# STUDY MATERIAL
******************************
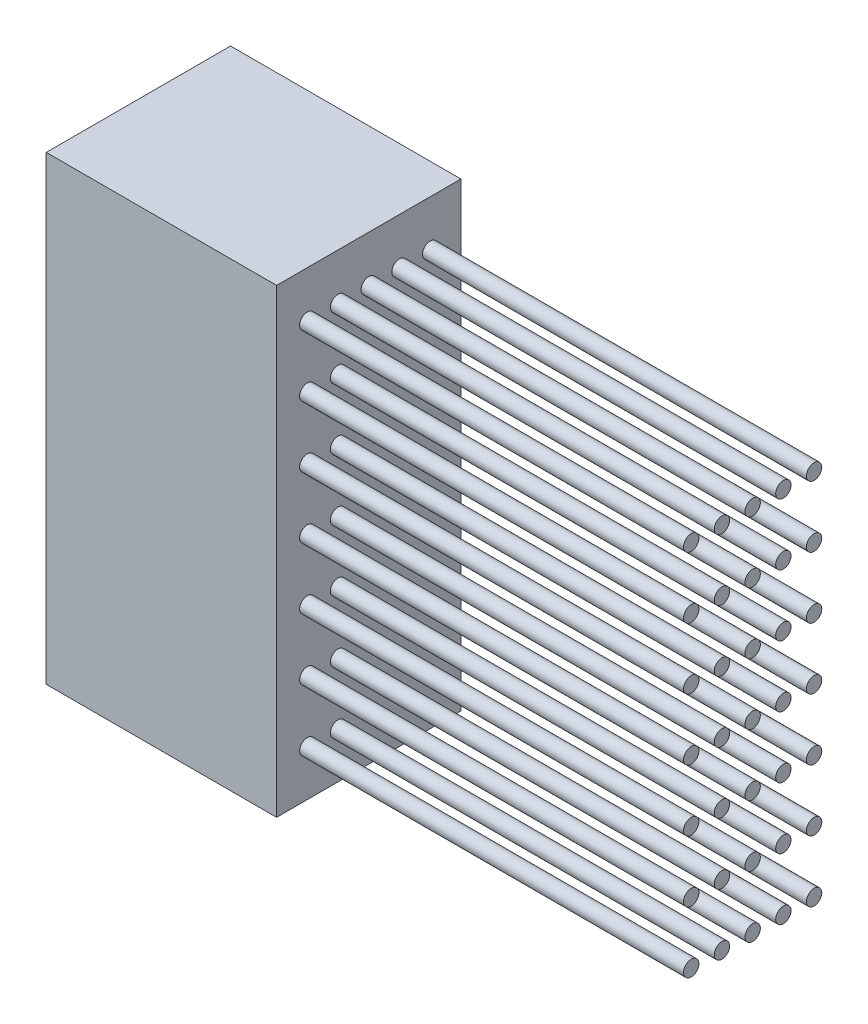
SolidWorks part; units mm, degrees
ref_plane "前视基准面" through (0, 0, 0) normal (0, 0, 1) x (1, 0, 0)
ref_plane "上视基准面" through (0, 0, 0) normal (0, 1, 0) x (1, 0, 0)
ref_plane "右视基准面" through (0, 0, 0) normal (1, 0, 0) x (0, 0, -1)
sketch "草图1" plane through (0, 0, 0) normal (0, 0, 1) x (1, 0, 0)
  line L1 (-7.5, -15) -> (7.5, -15)
  line L2 (-7.5, -15) -> (-7.5, 15)
  line L3 (-7.5, 15) -> (7.5, 15)
  line L4 (7.5, -15) -> (7.5, 15)
  line L5 (-7.5, -15) -> (7.5, 15) construction
  line L6 (-7.5, 15) -> (7.5, -15) construction
  point P0 (0, 0)
  dimension "D1" = 15
  dimension "D2" = 30
extrude "凸台-拉伸1" add sketch "草图1" along normal mid plane 12
sketch "草图2" plane through (7.5, 0, 0) normal (1, 0, 0) x (0, 0, -1)
  line L0 (0, 0) -> (0, 15) construction
  line L1 (-6, 15) -> (6, 15) construction
  circle A2 centre (-4, 0) radius 0.5
  circle A3 centre (-2, 0) radius 0.5
  circle A4 centre (0, 0) radius 0.5
  circle A5 centre (2, 0) radius 0.5
  circle A6 centre (4, 0) radius 0.5
  dimension "D1" = 1
  dimension "D2" = 2
  dimension "D3" = 2
extrude "凸台-拉伸2" add sketch "草图2" along normal blind 25
pattern_linear "阵列(线性)1" count 4 spacing 4 along (0, -1, 0) of "凸台-拉伸2"
mirror "镜向1" about plane through (0, 0, 0) normal (0, 1, 0) of "阵列(线性)1"
******************************
# INSTRUCTIONS FOR THE TASK
Can the lines from the start of the records through the line with "through (7.5, 0, 0)" be given again exactly, with the pictures left out?

# SOLUTION TO THIS TASK
SolidWorks part; units mm, degrees
ref_plane "前视基准面" through (0, 0, 0) normal (0, 0, 1) x (1, 0, 0)
ref_plane "上视基准面" through (0, 0, 0) normal (0, 1, 0) x (1, 0, 0)
ref_plane "右视基准面" through (0, 0, 0) normal (1, 0, 0) x (0, 0, -1)
sketch "草图1" plane through (0, 0, 0) normal (0, 0, 1) x (1, 0, 0)
  line L1 (-7.5, -15) -> (7.5, -15)
  line L2 (-7.5, -15) -> (-7.5, 15)
  line L3 (-7.5, 15) -> (7.5, 15)
  line L4 (7.5, -15) -> (7.5, 15)
  line L5 (-7.5, -15) -> (7.5, 15) construction
  line L6 (-7.5, 15) -> (7.5, -15) construction
  point P0 (0, 0)
  dimension "D1" = 15
  dimension "D2" = 30
extrude "凸台-拉伸1" add sketch "草图1" along normal mid plane 12
sketch "草图2" plane through (7.5, 0, 0) normal (1, 0, 0) x (0, 0, -1)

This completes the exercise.